Information given>

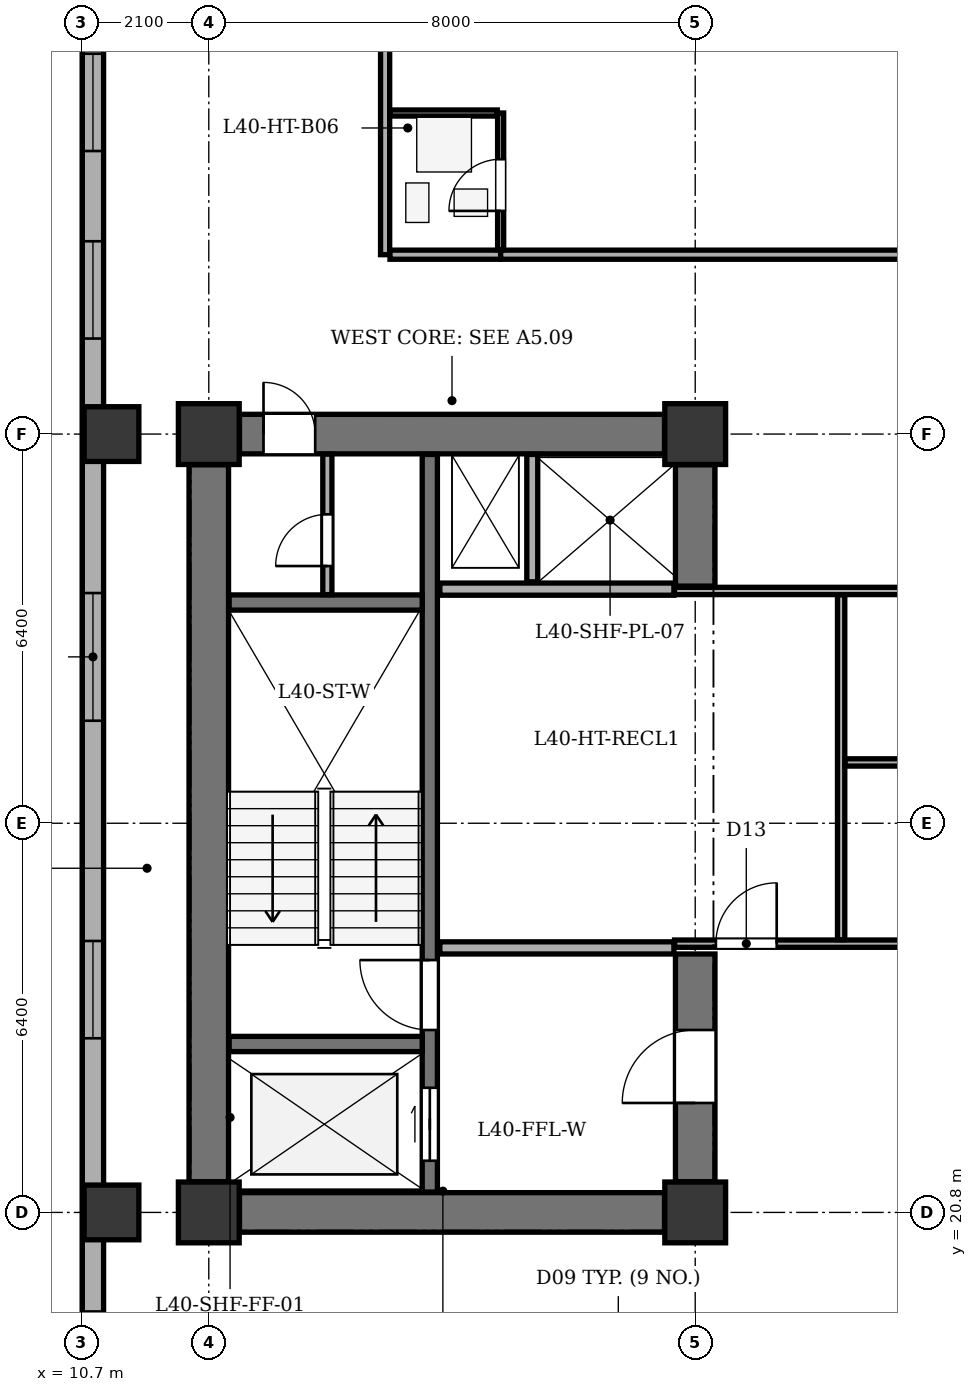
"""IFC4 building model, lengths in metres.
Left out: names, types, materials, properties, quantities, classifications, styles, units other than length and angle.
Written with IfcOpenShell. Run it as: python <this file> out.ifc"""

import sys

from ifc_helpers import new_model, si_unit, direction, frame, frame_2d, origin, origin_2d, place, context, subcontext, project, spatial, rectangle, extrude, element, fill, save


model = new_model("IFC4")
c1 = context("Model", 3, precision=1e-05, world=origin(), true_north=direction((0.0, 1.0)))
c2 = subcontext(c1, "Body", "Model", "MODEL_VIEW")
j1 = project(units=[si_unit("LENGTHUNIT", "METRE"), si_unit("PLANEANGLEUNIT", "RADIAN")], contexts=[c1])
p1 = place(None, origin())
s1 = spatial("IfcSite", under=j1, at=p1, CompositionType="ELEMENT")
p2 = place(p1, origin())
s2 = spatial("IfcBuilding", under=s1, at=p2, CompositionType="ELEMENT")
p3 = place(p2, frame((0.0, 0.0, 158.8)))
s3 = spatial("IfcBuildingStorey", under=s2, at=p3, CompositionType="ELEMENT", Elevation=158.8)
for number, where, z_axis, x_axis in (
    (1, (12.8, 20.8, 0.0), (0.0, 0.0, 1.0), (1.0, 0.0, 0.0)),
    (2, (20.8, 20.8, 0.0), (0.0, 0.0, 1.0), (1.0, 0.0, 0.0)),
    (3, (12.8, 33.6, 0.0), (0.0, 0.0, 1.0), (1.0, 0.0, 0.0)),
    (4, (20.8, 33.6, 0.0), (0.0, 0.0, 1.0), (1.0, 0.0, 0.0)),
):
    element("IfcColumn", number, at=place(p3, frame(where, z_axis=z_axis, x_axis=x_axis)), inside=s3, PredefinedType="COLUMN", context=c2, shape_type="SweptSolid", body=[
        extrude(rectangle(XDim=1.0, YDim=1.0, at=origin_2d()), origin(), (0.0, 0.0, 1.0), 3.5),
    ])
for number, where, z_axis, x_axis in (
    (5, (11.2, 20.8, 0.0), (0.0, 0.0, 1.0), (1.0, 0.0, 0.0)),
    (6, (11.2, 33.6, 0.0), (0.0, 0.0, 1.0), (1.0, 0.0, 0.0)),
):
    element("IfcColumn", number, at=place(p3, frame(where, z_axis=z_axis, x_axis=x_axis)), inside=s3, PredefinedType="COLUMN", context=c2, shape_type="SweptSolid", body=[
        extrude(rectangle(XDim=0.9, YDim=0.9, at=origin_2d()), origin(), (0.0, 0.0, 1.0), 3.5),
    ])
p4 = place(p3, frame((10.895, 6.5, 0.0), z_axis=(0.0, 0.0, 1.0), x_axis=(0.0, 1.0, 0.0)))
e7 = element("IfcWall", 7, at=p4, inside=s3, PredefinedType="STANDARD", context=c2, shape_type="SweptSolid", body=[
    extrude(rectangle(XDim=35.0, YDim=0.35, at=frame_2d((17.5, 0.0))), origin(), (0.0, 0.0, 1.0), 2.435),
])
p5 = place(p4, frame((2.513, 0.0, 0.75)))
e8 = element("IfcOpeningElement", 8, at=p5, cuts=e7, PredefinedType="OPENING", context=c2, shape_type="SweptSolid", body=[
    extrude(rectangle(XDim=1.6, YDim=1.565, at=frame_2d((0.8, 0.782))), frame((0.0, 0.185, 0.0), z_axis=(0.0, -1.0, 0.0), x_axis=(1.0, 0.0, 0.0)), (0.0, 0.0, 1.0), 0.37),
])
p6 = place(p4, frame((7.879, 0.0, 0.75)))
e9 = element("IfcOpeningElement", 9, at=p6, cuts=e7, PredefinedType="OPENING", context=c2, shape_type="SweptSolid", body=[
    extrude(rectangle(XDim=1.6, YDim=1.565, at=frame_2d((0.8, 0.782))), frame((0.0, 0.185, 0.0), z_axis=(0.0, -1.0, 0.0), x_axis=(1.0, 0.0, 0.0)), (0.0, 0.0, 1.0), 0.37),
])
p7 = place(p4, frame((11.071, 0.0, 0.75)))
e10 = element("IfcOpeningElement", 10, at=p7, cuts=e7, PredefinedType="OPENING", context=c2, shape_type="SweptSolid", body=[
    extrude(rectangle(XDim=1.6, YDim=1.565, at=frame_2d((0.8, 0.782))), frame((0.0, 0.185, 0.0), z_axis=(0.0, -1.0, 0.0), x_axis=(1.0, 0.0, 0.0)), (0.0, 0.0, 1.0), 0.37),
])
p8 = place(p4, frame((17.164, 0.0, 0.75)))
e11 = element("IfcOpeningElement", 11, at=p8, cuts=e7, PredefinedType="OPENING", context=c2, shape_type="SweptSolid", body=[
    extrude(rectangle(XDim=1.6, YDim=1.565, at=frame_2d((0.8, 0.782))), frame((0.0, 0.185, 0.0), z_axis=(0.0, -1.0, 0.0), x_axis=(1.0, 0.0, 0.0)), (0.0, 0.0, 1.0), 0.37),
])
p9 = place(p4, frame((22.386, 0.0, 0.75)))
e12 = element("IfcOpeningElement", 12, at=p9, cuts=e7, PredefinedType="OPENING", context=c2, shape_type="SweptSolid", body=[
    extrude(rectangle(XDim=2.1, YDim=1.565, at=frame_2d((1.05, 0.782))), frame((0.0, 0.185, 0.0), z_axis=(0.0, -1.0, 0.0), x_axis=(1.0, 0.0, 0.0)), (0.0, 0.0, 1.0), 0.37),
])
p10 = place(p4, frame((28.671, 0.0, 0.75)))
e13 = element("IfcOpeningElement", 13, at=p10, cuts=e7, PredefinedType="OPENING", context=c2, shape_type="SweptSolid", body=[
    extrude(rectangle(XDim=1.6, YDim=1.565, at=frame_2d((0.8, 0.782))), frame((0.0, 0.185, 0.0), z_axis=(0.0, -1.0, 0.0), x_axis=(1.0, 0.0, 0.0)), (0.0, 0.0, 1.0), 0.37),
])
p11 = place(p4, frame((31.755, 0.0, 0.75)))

Aim of the exercise> The records shown above are to be repeated exactly, with the pictures left out.

Result below>
"""IFC4 building model, lengths in metres.
Left out: names, types, materials, properties, quantities, classifications, styles, units other than length and angle.
Written with IfcOpenShell. Run it as: python <this file> out.ifc"""

import sys

from ifc_helpers import new_model, si_unit, direction, frame, frame_2d, origin, origin_2d, place, context, subcontext, project, spatial, rectangle, extrude, element, fill, save


model = new_model("IFC4")
c1 = context("Model", 3, precision=1e-05, world=origin(), true_north=direction((0.0, 1.0)))
c2 = subcontext(c1, "Body", "Model", "MODEL_VIEW")
j1 = project(units=[si_unit("LENGTHUNIT", "METRE"), si_unit("PLANEANGLEUNIT", "RADIAN")], contexts=[c1])
p1 = place(None, origin())
s1 = spatial("IfcSite", under=j1, at=p1, CompositionType="ELEMENT")
p2 = place(p1, origin())
s2 = spatial("IfcBuilding", under=s1, at=p2, CompositionType="ELEMENT")
p3 = place(p2, frame((0.0, 0.0, 158.8)))
s3 = spatial("IfcBuildingStorey", under=s2, at=p3, CompositionType="ELEMENT", Elevation=158.8)
for number, where, z_axis, x_axis in (
    (1, (12.8, 20.8, 0.0), (0.0, 0.0, 1.0), (1.0, 0.0, 0.0)),
    (2, (20.8, 20.8, 0.0), (0.0, 0.0, 1.0), (1.0, 0.0, 0.0)),
    (3, (12.8, 33.6, 0.0), (0.0, 0.0, 1.0), (1.0, 0.0, 0.0)),
    (4, (20.8, 33.6, 0.0), (0.0, 0.0, 1.0), (1.0, 0.0, 0.0)),
):
    element("IfcColumn", number, at=place(p3, frame(where, z_axis=z_axis, x_axis=x_axis)), inside=s3, PredefinedType="COLUMN", context=c2, shape_type="SweptSolid", body=[
        extrude(rectangle(XDim=1.0, YDim=1.0, at=origin_2d()), origin(), (0.0, 0.0, 1.0), 3.5),
    ])
for number, where, z_axis, x_axis in (
    (5, (11.2, 20.8, 0.0), (0.0, 0.0, 1.0), (1.0, 0.0, 0.0)),
    (6, (11.2, 33.6, 0.0), (0.0, 0.0, 1.0), (1.0, 0.0, 0.0)),
):
    element("IfcColumn", number, at=place(p3, frame(where, z_axis=z_axis, x_axis=x_axis)), inside=s3, PredefinedType="COLUMN", context=c2, shape_type="SweptSolid", body=[
        extrude(rectangle(XDim=0.9, YDim=0.9, at=origin_2d()), origin(), (0.0, 0.0, 1.0), 3.5),
    ])
p4 = place(p3, frame((10.895, 6.5, 0.0), z_axis=(0.0, 0.0, 1.0), x_axis=(0.0, 1.0, 0.0)))
e7 = element("IfcWall", 7, at=p4, inside=s3, PredefinedType="STANDARD", context=c2, shape_type="SweptSolid", body=[
    extrude(rectangle(XDim=35.0, YDim=0.35, at=frame_2d((17.5, 0.0))), origin(), (0.0, 0.0, 1.0), 2.435),
])
p5 = place(p4, frame((2.513, 0.0, 0.75)))
e8 = element("IfcOpeningElement", 8, at=p5, cuts=e7, PredefinedType="OPENING", context=c2, shape_type="SweptSolid", body=[
    extrude(rectangle(XDim=1.6, YDim=1.565, at=frame_2d((0.8, 0.782))), frame((0.0, 0.185, 0.0), z_axis=(0.0, -1.0, 0.0), x_axis=(1.0, 0.0, 0.0)), (0.0, 0.0, 1.0), 0.37),
])
p6 = place(p4, frame((7.879, 0.0, 0.75)))
e9 = element("IfcOpeningElement", 9, at=p6, cuts=e7, PredefinedType="OPENING", context=c2, shape_type="SweptSolid", body=[
    extrude(rectangle(XDim=1.6, YDim=1.565, at=frame_2d((0.8, 0.782))), frame((0.0, 0.185, 0.0), z_axis=(0.0, -1.0, 0.0), x_axis=(1.0, 0.0, 0.0)), (0.0, 0.0, 1.0), 0.37),
])
p7 = place(p4, frame((11.071, 0.0, 0.75)))
e10 = element("IfcOpeningElement", 10, at=p7, cuts=e7, PredefinedType="OPENING", context=c2, shape_type="SweptSolid", body=[
    extrude(rectangle(XDim=1.6, YDim=1.565, at=frame_2d((0.8, 0.782))), frame((0.0, 0.185, 0.0), z_axis=(0.0, -1.0, 0.0), x_axis=(1.0, 0.0, 0.0)), (0.0, 0.0, 1.0), 0.37),
])
p8 = place(p4, frame((17.164, 0.0, 0.75)))
e11 = element("IfcOpeningElement", 11, at=p8, cuts=e7, PredefinedType="OPENING", context=c2, shape_type="SweptSolid", body=[
    extrude(rectangle(XDim=1.6, YDim=1.565, at=frame_2d((0.8, 0.782))), frame((0.0, 0.185, 0.0), z_axis=(0.0, -1.0, 0.0), x_axis=(1.0, 0.0, 0.0)), (0.0, 0.0, 1.0), 0.37),
])
p9 = place(p4, frame((22.386, 0.0, 0.75)))
e12 = element("IfcOpeningElement", 12, at=p9, cuts=e7, PredefinedType="OPENING", context=c2, shape_type="SweptSolid", body=[
    extrude(rectangle(XDim=2.1, YDim=1.565, at=frame_2d((1.05, 0.782))), frame((0.0, 0.185, 0.0), z_axis=(0.0, -1.0, 0.0), x_axis=(1.0, 0.0, 0.0)), (0.0, 0.0, 1.0), 0.37),
])
p10 = place(p4, frame((28.671, 0.0, 0.75)))
e13 = element("IfcOpeningElement", 13, at=p10, cuts=e7, PredefinedType="OPENING", context=c2, shape_type="SweptSolid", body=[
    extrude(rectangle(XDim=1.6, YDim=1.565, at=frame_2d((0.8, 0.782))), frame((0.0, 0.185, 0.0), z_axis=(0.0, -1.0, 0.0), x_axis=(1.0, 0.0, 0.0)), (0.0, 0.0, 1.0), 0.37),
])
p11 = place(p4, frame((31.755, 0.0, 0.75)))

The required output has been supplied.